- **What is required**:
All of the data beneath this instruction is to be transcribed word for word.

________

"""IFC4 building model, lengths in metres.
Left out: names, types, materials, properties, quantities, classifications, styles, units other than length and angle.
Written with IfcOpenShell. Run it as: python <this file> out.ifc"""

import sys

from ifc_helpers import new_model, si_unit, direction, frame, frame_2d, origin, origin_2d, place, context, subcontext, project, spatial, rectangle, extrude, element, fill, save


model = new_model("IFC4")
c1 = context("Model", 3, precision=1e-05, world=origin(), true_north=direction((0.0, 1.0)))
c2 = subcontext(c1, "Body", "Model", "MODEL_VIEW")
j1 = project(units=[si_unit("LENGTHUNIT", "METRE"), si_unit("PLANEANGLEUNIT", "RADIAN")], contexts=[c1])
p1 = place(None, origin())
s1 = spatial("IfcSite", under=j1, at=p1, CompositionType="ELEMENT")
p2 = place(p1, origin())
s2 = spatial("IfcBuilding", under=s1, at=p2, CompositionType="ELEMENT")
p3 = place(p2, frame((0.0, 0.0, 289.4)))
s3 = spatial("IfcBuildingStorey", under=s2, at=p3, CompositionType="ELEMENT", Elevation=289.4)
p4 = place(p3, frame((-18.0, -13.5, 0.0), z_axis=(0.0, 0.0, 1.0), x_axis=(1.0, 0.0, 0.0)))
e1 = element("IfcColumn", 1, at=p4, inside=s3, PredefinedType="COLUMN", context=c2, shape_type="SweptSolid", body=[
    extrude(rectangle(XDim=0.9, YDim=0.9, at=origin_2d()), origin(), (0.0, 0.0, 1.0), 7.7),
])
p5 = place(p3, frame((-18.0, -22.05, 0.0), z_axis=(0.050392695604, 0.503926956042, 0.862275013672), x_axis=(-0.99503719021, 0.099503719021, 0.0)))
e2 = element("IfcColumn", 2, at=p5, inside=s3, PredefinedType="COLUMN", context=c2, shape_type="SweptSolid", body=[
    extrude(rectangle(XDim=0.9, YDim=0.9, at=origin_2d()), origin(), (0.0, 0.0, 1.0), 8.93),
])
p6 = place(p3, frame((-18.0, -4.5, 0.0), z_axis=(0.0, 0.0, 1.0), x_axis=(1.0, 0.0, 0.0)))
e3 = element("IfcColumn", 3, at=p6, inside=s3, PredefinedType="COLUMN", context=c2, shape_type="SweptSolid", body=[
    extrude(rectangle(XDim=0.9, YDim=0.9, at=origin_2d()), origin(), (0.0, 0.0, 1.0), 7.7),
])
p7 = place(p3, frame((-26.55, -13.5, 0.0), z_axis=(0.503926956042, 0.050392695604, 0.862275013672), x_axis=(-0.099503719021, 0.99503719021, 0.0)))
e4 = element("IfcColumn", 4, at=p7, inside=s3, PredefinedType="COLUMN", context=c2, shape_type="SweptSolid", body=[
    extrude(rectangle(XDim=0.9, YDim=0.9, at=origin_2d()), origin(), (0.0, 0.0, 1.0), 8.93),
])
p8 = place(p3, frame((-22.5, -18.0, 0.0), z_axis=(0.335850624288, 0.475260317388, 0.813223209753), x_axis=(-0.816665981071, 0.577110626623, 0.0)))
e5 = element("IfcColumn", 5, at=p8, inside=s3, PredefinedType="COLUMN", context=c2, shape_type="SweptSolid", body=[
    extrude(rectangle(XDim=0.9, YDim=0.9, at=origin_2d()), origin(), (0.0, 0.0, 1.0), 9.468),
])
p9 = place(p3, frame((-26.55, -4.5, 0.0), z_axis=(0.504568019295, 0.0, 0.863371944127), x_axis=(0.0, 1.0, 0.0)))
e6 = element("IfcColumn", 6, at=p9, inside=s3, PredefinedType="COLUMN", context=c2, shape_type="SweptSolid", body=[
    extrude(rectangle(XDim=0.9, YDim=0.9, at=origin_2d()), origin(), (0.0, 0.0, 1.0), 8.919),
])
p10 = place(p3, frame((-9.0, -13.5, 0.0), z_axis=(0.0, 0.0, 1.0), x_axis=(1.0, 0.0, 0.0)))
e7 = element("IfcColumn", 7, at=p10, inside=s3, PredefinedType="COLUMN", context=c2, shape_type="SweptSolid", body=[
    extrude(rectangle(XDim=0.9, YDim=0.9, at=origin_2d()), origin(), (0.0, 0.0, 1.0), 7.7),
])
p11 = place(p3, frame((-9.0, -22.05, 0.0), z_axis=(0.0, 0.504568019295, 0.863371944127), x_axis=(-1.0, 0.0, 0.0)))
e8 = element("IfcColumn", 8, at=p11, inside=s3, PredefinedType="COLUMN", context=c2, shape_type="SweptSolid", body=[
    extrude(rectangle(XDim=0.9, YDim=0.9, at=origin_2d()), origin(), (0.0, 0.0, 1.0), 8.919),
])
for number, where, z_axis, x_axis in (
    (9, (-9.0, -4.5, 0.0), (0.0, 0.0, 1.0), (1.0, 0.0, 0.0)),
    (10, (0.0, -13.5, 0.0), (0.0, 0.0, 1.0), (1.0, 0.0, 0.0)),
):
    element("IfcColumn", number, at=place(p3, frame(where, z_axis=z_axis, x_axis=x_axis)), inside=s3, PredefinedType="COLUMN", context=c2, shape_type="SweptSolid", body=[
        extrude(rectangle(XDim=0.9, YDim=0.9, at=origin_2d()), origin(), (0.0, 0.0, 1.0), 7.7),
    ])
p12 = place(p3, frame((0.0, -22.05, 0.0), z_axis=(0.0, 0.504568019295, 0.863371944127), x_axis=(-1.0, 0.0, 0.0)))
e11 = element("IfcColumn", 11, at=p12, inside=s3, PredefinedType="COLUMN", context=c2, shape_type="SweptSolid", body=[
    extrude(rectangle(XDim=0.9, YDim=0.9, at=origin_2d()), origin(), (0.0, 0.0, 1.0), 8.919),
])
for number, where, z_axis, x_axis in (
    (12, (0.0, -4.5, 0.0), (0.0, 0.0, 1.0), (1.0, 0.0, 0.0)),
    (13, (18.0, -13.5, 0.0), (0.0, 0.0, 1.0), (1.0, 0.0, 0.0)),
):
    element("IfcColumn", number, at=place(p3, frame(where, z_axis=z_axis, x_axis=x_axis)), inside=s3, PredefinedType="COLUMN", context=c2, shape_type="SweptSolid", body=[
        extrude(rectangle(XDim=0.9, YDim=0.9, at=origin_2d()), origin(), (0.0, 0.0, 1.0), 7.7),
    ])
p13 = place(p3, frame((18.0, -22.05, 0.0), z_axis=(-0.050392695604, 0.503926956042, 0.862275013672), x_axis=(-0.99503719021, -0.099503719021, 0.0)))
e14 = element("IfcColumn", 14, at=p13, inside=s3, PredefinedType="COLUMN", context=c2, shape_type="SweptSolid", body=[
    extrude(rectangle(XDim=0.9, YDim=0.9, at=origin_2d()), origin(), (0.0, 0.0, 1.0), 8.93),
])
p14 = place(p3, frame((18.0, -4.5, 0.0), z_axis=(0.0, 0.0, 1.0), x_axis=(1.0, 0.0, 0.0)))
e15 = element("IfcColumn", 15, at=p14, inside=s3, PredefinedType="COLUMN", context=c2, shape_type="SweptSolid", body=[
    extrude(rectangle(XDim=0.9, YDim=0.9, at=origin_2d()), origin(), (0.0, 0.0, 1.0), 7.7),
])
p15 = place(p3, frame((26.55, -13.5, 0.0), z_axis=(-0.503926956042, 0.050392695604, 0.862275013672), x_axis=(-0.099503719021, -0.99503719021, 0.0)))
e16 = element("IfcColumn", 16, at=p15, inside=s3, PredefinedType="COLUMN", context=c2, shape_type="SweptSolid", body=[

________

- **Answer to this task**:
"""IFC4 building model, lengths in metres.
Left out: names, types, materials, properties, quantities, classifications, styles, units other than length and angle.
Written with IfcOpenShell. Run it as: python <this file> out.ifc"""

import sys

from ifc_helpers import new_model, si_unit, direction, frame, frame_2d, origin, origin_2d, place, context, subcontext, project, spatial, rectangle, extrude, element, fill, save


model = new_model("IFC4")
c1 = context("Model", 3, precision=1e-05, world=origin(), true_north=direction((0.0, 1.0)))
c2 = subcontext(c1, "Body", "Model", "MODEL_VIEW")
j1 = project(units=[si_unit("LENGTHUNIT", "METRE"), si_unit("PLANEANGLEUNIT", "RADIAN")], contexts=[c1])
p1 = place(None, origin())
s1 = spatial("IfcSite", under=j1, at=p1, CompositionType="ELEMENT")
p2 = place(p1, origin())
s2 = spatial("IfcBuilding", under=s1, at=p2, CompositionType="ELEMENT")
p3 = place(p2, frame((0.0, 0.0, 289.4)))
s3 = spatial("IfcBuildingStorey", under=s2, at=p3, CompositionType="ELEMENT", Elevation=289.4)
p4 = place(p3, frame((-18.0, -13.5, 0.0), z_axis=(0.0, 0.0, 1.0), x_axis=(1.0, 0.0, 0.0)))
e1 = element("IfcColumn", 1, at=p4, inside=s3, PredefinedType="COLUMN", context=c2, shape_type="SweptSolid", body=[
    extrude(rectangle(XDim=0.9, YDim=0.9, at=origin_2d()), origin(), (0.0, 0.0, 1.0), 7.7),
])
p5 = place(p3, frame((-18.0, -22.05, 0.0), z_axis=(0.050392695604, 0.503926956042, 0.862275013672), x_axis=(-0.99503719021, 0.099503719021, 0.0)))
e2 = element("IfcColumn", 2, at=p5, inside=s3, PredefinedType="COLUMN", context=c2, shape_type="SweptSolid", body=[
    extrude(rectangle(XDim=0.9, YDim=0.9, at=origin_2d()), origin(), (0.0, 0.0, 1.0), 8.93),
])
p6 = place(p3, frame((-18.0, -4.5, 0.0), z_axis=(0.0, 0.0, 1.0), x_axis=(1.0, 0.0, 0.0)))
e3 = element("IfcColumn", 3, at=p6, inside=s3, PredefinedType="COLUMN", context=c2, shape_type="SweptSolid", body=[
    extrude(rectangle(XDim=0.9, YDim=0.9, at=origin_2d()), origin(), (0.0, 0.0, 1.0), 7.7),
])
p7 = place(p3, frame((-26.55, -13.5, 0.0), z_axis=(0.503926956042, 0.050392695604, 0.862275013672), x_axis=(-0.099503719021, 0.99503719021, 0.0)))
e4 = element("IfcColumn", 4, at=p7, inside=s3, PredefinedType="COLUMN", context=c2, shape_type="SweptSolid", body=[
    extrude(rectangle(XDim=0.9, YDim=0.9, at=origin_2d()), origin(), (0.0, 0.0, 1.0), 8.93),
])
p8 = place(p3, frame((-22.5, -18.0, 0.0), z_axis=(0.335850624288, 0.475260317388, 0.813223209753), x_axis=(-0.816665981071, 0.577110626623, 0.0)))
e5 = element("IfcColumn", 5, at=p8, inside=s3, PredefinedType="COLUMN", context=c2, shape_type="SweptSolid", body=[
    extrude(rectangle(XDim=0.9, YDim=0.9, at=origin_2d()), origin(), (0.0, 0.0, 1.0), 9.468),
])
p9 = place(p3, frame((-26.55, -4.5, 0.0), z_axis=(0.504568019295, 0.0, 0.863371944127), x_axis=(0.0, 1.0, 0.0)))
e6 = element("IfcColumn", 6, at=p9, inside=s3, PredefinedType="COLUMN", context=c2, shape_type="SweptSolid", body=[
    extrude(rectangle(XDim=0.9, YDim=0.9, at=origin_2d()), origin(), (0.0, 0.0, 1.0), 8.919),
])
p10 = place(p3, frame((-9.0, -13.5, 0.0), z_axis=(0.0, 0.0, 1.0), x_axis=(1.0, 0.0, 0.0)))
e7 = element("IfcColumn", 7, at=p10, inside=s3, PredefinedType="COLUMN", context=c2, shape_type="SweptSolid", body=[
    extrude(rectangle(XDim=0.9, YDim=0.9, at=origin_2d()), origin(), (0.0, 0.0, 1.0), 7.7),
])
p11 = place(p3, frame((-9.0, -22.05, 0.0), z_axis=(0.0, 0.504568019295, 0.863371944127), x_axis=(-1.0, 0.0, 0.0)))
e8 = element("IfcColumn", 8, at=p11, inside=s3, PredefinedType="COLUMN", context=c2, shape_type="SweptSolid", body=[
    extrude(rectangle(XDim=0.9, YDim=0.9, at=origin_2d()), origin(), (0.0, 0.0, 1.0), 8.919),
])
for number, where, z_axis, x_axis in (
    (9, (-9.0, -4.5, 0.0), (0.0, 0.0, 1.0), (1.0, 0.0, 0.0)),
    (10, (0.0, -13.5, 0.0), (0.0, 0.0, 1.0), (1.0, 0.0, 0.0)),
):
    element("IfcColumn", number, at=place(p3, frame(where, z_axis=z_axis, x_axis=x_axis)), inside=s3, PredefinedType="COLUMN", context=c2, shape_type="SweptSolid", body=[
        extrude(rectangle(XDim=0.9, YDim=0.9, at=origin_2d()), origin(), (0.0, 0.0, 1.0), 7.7),
    ])
p12 = place(p3, frame((0.0, -22.05, 0.0), z_axis=(0.0, 0.504568019295, 0.863371944127), x_axis=(-1.0, 0.0, 0.0)))
e11 = element("IfcColumn", 11, at=p12, inside=s3, PredefinedType="COLUMN", context=c2, shape_type="SweptSolid", body=[
    extrude(rectangle(XDim=0.9, YDim=0.9, at=origin_2d()), origin(), (0.0, 0.0, 1.0), 8.919),
])
for number, where, z_axis, x_axis in (
    (12, (0.0, -4.5, 0.0), (0.0, 0.0, 1.0), (1.0, 0.0, 0.0)),
    (13, (18.0, -13.5, 0.0), (0.0, 0.0, 1.0), (1.0, 0.0, 0.0)),
):
    element("IfcColumn", number, at=place(p3, frame(where, z_axis=z_axis, x_axis=x_axis)), inside=s3, PredefinedType="COLUMN", context=c2, shape_type="SweptSolid", body=[
        extrude(rectangle(XDim=0.9, YDim=0.9, at=origin_2d()), origin(), (0.0, 0.0, 1.0), 7.7),
    ])
p13 = place(p3, frame((18.0, -22.05, 0.0), z_axis=(-0.050392695604, 0.503926956042, 0.862275013672), x_axis=(-0.99503719021, -0.099503719021, 0.0)))
e14 = element("IfcColumn", 14, at=p13, inside=s3, PredefinedType="COLUMN", context=c2, shape_type="SweptSolid", body=[
    extrude(rectangle(XDim=0.9, YDim=0.9, at=origin_2d()), origin(), (0.0, 0.0, 1.0), 8.93),
])
p14 = place(p3, frame((18.0, -4.5, 0.0), z_axis=(0.0, 0.0, 1.0), x_axis=(1.0, 0.0, 0.0)))
e15 = element("IfcColumn", 15, at=p14, inside=s3, PredefinedType="COLUMN", context=c2, shape_type="SweptSolid", body=[
    extrude(rectangle(XDim=0.9, YDim=0.9, at=origin_2d()), origin(), (0.0, 0.0, 1.0), 7.7),
])
p15 = place(p3, frame((26.55, -13.5, 0.0), z_axis=(-0.503926956042, 0.050392695604, 0.862275013672), x_axis=(-0.099503719021, -0.99503719021, 0.0)))
e16 = element("IfcColumn", 16, at=p15, inside=s3, PredefinedType="COLUMN", context=c2, shape_type="SweptSolid", body=[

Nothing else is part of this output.